Exercise description - Wherever "import" appears in a line of the listing, report that line.

_ _ _ _ _ _ _

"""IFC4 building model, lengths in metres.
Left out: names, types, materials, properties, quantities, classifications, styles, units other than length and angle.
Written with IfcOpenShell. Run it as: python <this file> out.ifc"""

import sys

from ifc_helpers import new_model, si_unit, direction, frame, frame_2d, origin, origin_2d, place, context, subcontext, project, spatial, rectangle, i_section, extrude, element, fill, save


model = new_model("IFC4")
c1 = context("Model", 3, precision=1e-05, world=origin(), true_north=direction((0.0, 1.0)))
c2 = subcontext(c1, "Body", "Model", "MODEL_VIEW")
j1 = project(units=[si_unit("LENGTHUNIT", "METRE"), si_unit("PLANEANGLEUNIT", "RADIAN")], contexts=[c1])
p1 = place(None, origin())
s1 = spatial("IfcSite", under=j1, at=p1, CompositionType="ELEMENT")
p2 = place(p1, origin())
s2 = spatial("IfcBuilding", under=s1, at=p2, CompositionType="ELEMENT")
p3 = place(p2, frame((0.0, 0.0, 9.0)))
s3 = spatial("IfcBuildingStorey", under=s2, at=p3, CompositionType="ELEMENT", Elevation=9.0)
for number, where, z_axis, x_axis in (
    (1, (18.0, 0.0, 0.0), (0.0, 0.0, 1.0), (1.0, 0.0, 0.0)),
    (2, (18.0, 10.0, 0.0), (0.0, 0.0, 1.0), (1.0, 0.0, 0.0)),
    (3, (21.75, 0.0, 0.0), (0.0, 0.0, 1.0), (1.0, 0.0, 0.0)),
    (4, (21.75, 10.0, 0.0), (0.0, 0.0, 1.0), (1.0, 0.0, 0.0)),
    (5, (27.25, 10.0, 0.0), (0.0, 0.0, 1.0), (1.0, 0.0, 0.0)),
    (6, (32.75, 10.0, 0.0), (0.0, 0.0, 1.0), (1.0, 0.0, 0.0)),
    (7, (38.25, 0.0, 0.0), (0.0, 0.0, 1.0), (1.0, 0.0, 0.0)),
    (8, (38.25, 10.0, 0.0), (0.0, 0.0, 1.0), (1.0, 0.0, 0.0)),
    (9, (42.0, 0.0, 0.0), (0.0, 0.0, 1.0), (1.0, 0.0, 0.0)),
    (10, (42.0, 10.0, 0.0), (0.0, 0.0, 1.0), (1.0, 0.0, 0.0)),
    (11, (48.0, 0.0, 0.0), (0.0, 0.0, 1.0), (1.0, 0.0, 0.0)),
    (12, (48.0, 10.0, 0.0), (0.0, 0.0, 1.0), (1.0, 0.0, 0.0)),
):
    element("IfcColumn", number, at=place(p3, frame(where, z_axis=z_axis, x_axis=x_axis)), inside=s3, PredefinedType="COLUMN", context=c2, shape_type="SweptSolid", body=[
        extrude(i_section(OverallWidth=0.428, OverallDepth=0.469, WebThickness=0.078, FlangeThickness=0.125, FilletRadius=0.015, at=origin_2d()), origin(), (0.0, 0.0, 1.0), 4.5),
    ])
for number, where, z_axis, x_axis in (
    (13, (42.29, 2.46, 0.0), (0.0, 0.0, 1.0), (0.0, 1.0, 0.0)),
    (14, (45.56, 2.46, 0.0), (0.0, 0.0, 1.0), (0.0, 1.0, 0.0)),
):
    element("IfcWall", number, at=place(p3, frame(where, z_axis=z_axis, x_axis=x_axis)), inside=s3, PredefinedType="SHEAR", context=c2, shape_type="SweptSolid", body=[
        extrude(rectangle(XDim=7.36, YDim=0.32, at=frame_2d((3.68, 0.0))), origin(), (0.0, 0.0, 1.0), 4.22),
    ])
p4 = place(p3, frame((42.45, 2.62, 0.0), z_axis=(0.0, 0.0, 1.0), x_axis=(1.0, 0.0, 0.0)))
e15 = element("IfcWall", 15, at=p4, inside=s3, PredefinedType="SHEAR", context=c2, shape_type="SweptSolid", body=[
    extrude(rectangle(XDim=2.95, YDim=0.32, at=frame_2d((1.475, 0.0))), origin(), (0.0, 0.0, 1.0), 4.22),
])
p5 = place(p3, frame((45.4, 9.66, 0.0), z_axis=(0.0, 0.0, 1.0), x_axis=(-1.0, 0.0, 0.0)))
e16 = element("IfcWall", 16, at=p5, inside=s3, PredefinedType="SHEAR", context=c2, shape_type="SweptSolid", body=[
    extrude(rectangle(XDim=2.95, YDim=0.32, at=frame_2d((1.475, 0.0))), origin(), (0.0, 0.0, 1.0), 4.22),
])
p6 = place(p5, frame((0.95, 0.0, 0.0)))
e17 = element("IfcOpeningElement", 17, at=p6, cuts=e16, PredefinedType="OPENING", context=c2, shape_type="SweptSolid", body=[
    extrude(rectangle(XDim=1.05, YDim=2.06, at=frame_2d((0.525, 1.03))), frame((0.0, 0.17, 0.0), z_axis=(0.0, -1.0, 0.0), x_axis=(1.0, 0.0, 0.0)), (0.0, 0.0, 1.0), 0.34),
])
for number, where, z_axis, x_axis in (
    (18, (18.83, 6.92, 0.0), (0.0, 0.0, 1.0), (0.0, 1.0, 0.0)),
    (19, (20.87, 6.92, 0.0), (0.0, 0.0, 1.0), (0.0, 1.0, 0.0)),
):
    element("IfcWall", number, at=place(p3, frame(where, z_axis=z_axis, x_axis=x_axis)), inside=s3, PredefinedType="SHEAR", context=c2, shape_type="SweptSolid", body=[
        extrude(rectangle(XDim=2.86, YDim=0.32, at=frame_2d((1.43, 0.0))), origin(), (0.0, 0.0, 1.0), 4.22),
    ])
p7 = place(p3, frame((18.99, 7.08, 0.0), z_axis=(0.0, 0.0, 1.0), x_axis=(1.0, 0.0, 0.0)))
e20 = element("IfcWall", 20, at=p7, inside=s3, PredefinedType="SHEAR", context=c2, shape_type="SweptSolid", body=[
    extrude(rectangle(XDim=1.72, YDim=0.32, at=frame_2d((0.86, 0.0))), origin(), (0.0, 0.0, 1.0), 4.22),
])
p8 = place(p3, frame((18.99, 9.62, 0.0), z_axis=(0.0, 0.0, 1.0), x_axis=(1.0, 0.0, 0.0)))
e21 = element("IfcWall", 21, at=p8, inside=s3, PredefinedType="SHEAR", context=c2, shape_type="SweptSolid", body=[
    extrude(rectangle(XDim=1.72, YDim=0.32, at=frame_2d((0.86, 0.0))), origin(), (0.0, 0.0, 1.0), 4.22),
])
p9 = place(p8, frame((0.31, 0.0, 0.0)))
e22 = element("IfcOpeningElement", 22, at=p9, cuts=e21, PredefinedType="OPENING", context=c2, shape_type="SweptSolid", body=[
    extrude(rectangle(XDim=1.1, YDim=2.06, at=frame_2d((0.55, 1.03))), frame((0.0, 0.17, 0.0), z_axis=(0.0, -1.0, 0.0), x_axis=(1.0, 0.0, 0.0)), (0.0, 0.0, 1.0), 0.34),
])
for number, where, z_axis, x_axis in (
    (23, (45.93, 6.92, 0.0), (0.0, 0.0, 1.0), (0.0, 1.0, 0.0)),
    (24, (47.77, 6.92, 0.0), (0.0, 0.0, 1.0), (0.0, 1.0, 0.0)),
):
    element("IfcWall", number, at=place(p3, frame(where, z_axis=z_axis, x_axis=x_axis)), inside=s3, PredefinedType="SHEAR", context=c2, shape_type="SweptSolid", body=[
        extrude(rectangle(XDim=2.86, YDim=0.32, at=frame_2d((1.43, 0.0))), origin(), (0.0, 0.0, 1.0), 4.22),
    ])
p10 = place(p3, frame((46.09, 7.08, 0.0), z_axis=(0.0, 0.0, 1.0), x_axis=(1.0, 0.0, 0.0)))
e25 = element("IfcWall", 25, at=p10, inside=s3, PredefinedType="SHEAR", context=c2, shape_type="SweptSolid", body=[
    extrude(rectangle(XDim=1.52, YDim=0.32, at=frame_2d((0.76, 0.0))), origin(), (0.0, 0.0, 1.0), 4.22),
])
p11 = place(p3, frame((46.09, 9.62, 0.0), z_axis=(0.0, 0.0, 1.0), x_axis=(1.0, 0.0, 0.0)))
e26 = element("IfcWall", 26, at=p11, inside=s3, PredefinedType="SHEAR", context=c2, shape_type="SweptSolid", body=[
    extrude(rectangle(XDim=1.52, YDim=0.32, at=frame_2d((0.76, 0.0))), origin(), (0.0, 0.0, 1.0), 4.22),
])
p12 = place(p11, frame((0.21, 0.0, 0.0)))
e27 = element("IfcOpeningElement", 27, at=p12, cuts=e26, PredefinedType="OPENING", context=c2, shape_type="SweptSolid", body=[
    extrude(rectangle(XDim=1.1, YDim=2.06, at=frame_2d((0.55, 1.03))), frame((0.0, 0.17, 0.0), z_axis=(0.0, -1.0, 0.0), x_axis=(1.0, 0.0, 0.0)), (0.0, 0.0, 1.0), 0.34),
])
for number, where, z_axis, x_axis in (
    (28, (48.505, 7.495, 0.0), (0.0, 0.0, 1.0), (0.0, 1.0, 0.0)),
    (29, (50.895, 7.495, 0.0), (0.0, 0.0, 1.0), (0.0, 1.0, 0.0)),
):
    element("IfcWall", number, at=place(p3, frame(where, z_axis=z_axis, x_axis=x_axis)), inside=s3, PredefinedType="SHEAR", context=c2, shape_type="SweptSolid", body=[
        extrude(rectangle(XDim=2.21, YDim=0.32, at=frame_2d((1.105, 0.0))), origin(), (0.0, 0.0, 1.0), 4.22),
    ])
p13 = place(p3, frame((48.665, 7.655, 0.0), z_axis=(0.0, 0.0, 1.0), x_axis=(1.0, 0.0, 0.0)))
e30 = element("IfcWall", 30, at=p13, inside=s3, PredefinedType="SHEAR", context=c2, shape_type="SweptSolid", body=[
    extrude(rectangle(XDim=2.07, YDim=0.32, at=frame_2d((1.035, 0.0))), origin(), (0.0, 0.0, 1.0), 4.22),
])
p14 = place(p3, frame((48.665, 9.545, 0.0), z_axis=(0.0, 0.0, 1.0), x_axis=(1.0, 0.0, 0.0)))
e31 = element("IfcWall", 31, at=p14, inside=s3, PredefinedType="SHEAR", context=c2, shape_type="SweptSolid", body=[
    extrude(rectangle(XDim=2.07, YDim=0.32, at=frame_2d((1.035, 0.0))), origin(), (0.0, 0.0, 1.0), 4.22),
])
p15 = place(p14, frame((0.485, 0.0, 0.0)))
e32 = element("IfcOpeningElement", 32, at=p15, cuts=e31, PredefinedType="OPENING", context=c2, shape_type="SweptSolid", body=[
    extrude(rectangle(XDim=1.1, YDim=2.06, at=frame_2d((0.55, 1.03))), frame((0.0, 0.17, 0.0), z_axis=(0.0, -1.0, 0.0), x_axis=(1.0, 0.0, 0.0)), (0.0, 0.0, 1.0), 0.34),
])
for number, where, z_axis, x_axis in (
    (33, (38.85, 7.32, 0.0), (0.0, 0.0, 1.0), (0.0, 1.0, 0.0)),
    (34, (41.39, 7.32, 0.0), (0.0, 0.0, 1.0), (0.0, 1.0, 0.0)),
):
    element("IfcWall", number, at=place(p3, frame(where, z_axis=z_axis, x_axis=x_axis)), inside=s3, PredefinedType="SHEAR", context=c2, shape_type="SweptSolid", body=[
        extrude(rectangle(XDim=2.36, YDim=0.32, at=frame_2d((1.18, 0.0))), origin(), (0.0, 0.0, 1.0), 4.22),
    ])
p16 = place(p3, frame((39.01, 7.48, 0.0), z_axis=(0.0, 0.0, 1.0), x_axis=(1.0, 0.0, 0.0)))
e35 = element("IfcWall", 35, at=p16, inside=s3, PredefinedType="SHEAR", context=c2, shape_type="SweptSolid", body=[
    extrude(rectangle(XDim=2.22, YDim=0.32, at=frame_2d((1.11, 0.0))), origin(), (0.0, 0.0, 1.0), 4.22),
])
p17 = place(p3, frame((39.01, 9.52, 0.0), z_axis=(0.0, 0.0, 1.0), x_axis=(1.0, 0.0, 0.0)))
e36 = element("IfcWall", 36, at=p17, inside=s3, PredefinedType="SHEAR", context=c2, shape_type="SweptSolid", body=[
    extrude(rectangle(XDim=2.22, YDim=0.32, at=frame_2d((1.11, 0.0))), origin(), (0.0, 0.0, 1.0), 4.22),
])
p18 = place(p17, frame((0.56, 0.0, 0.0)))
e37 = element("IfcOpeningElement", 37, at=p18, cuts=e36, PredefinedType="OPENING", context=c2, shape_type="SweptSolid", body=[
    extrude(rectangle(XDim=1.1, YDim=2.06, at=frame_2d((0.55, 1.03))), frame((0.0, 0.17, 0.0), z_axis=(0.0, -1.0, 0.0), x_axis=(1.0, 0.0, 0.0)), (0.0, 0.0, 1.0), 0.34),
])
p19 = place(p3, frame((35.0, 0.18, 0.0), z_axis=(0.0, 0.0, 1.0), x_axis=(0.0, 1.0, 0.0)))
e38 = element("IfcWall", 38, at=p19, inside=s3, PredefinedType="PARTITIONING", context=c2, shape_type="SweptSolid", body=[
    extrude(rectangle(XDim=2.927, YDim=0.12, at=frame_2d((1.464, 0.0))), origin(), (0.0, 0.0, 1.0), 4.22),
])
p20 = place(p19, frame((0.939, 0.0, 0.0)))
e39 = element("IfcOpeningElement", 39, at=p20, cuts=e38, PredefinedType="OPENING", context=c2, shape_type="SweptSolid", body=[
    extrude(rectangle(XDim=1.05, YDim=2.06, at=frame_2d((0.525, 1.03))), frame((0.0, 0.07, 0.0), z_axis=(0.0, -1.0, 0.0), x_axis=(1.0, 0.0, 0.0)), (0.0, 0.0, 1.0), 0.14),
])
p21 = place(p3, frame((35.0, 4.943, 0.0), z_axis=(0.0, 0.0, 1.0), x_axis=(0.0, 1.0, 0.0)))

_ _ _ _ _ _ _

Task result -
import sys
from ifc_helpers import new_model, si_unit, direction, frame, frame_2d, origin, origin_2d, place, context, subcontext, project, spatial, rectangle, i_section, extrude, element, fill, save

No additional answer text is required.